Task item.
Retype each line of the material below word for word; pictures stay out.

Extracted material.
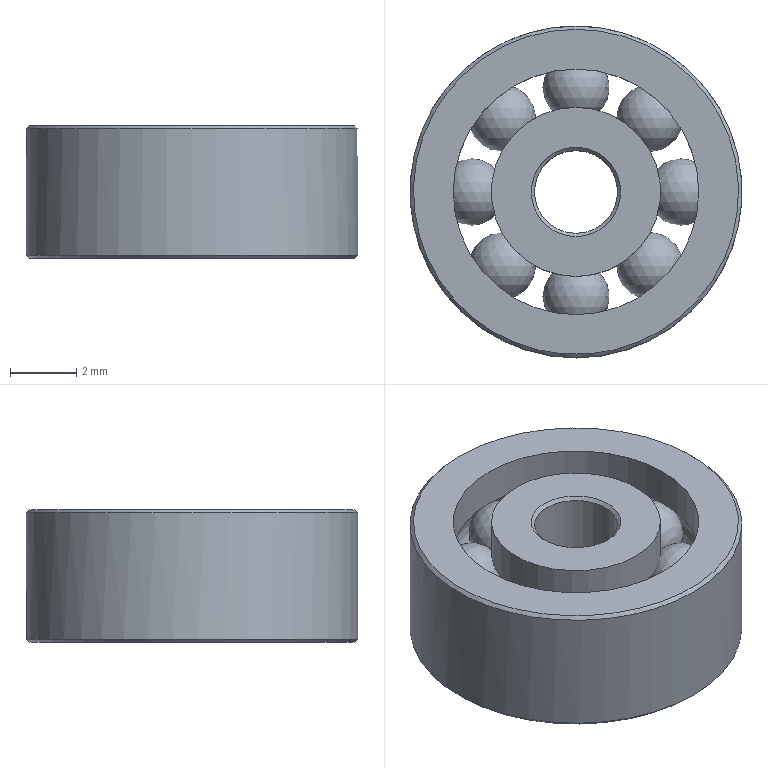Component | NX | BEARING | 10 solids | 24 faces | volume 218 mm3 | sphere 8 | cylinder 6 | plane 4 | cone 4 | torus 2 | commonest cylinder face diameters 7.4 x2 5.1 x2 10 x1 2.5 x1
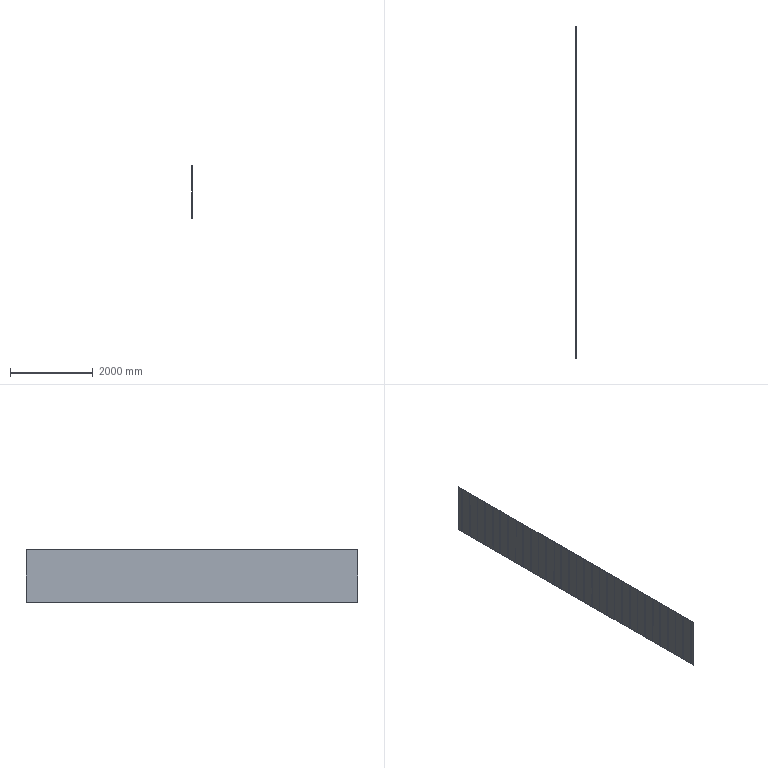Component | SolidWorks | 8mTread-3 | 1 solid | 130 faces | box 8 x 8009.05 x 1257 mm | volume 78214286 mm3 | plane 130
build123d program:
from build123d import *

# Parameters (mm, degrees)
BOSS_EXTRUDE1_DEPTH     = 8
SKETCH2_W               = 1638.54
SKETCH2_H               = 30
CUT_EXTRUDE_THIN1_DEPTH = 2
LPATTERN1_COUNT         = 31
LPATTERN1_PITCH         = 260


with BuildPart() as part:
    # Sketch1 → Boss-Extrude1 (new body)
    with BuildSketch(Plane.XY):
        Polygon((-4933.447, 9723.056), (-6190.447, 9723.056), (-6190.447, 15723.056), (-6190.447, 17732.107), (-4933.447, 17732.107), (-4933.447, 14990.845), align=None)
    extrude(amount=BOSS_EXTRUDE1_DEPTH)

    # Sketch2 → Cut-Extrude-Thin1 (cut)
    with BuildSketch(Plane(origin=(0, 0, 0), x_dir=(-1, 0, 0), z_dir=(0, 0, -1))):
        with Locations((5364.03, 9846.058)):
            Rectangle(SKETCH2_W, SKETCH2_H)
    cut_extrude_thin1 = extrude(amount=-CUT_EXTRUDE_THIN1_DEPTH, mode=Mode.SUBTRACT)

    # LPattern1: Cut-Extrude-Thin1 ×31
    with Locations(*[(0, i * LPATTERN1_PITCH, 0) for i in range(1, LPATTERN1_COUNT)]):
        add(cut_extrude_thin1, mode=Mode.SUBTRACT)


solid = part.part

# Placed as in the assembly
solid = solid.moved(Location((2077.926, -13426.79, -2234.447), (180, -90, 0)))

Written reply.
Component | NX | BEARING | 10 solids | 24 faces | volume 218 mm3 | sphere 8 | cylinder 6 | plane 4 | cone 4 | torus 2 | commonest cylinder face diameters 7.4 x2 5.1 x2 10 x1 2.5 x1
Component | SolidWorks | 8mTread-3 | 1 solid | 130 faces | box 8 x 8009.05 x 1257 mm | volume 78214286 mm3 | plane 130
build123d program:
from build123d import *

# Parameters (mm, degrees)
BOSS_EXTRUDE1_DEPTH     = 8
SKETCH2_W               = 1638.54
SKETCH2_H               = 30
CUT_EXTRUDE_THIN1_DEPTH = 2
LPATTERN1_COUNT         = 31
LPATTERN1_PITCH         = 260


with BuildPart() as part:
    # Sketch1 → Boss-Extrude1 (new body)
    with BuildSketch(Plane.XY):
        Polygon((-4933.447, 9723.056), (-6190.447, 9723.056), (-6190.447, 15723.056), (-6190.447, 17732.107), (-4933.447, 17732.107), (-4933.447, 14990.845), align=None)
    extrude(amount=BOSS_EXTRUDE1_DEPTH)

    # Sketch2 → Cut-Extrude-Thin1 (cut)
    with BuildSketch(Plane(origin=(0, 0, 0), x_dir=(-1, 0, 0), z_dir=(0, 0, -1))):
        with Locations((5364.03, 9846.058)):
            Rectangle(SKETCH2_W, SKETCH2_H)
    cut_extrude_thin1 = extrude(amount=-CUT_EXTRUDE_THIN1_DEPTH, mode=Mode.SUBTRACT)

    # LPattern1: Cut-Extrude-Thin1 ×31
    with Locations(*[(0, i * LPATTERN1_PITCH, 0) for i in range(1, LPATTERN1_COUNT)]):
        add(cut_extrude_thin1, mode=Mode.SUBTRACT)


solid = part.part

# Placed as in the assembly
solid = solid.moved(Location((2077.926, -13426.79, -2234.447), (180, -90, 0)))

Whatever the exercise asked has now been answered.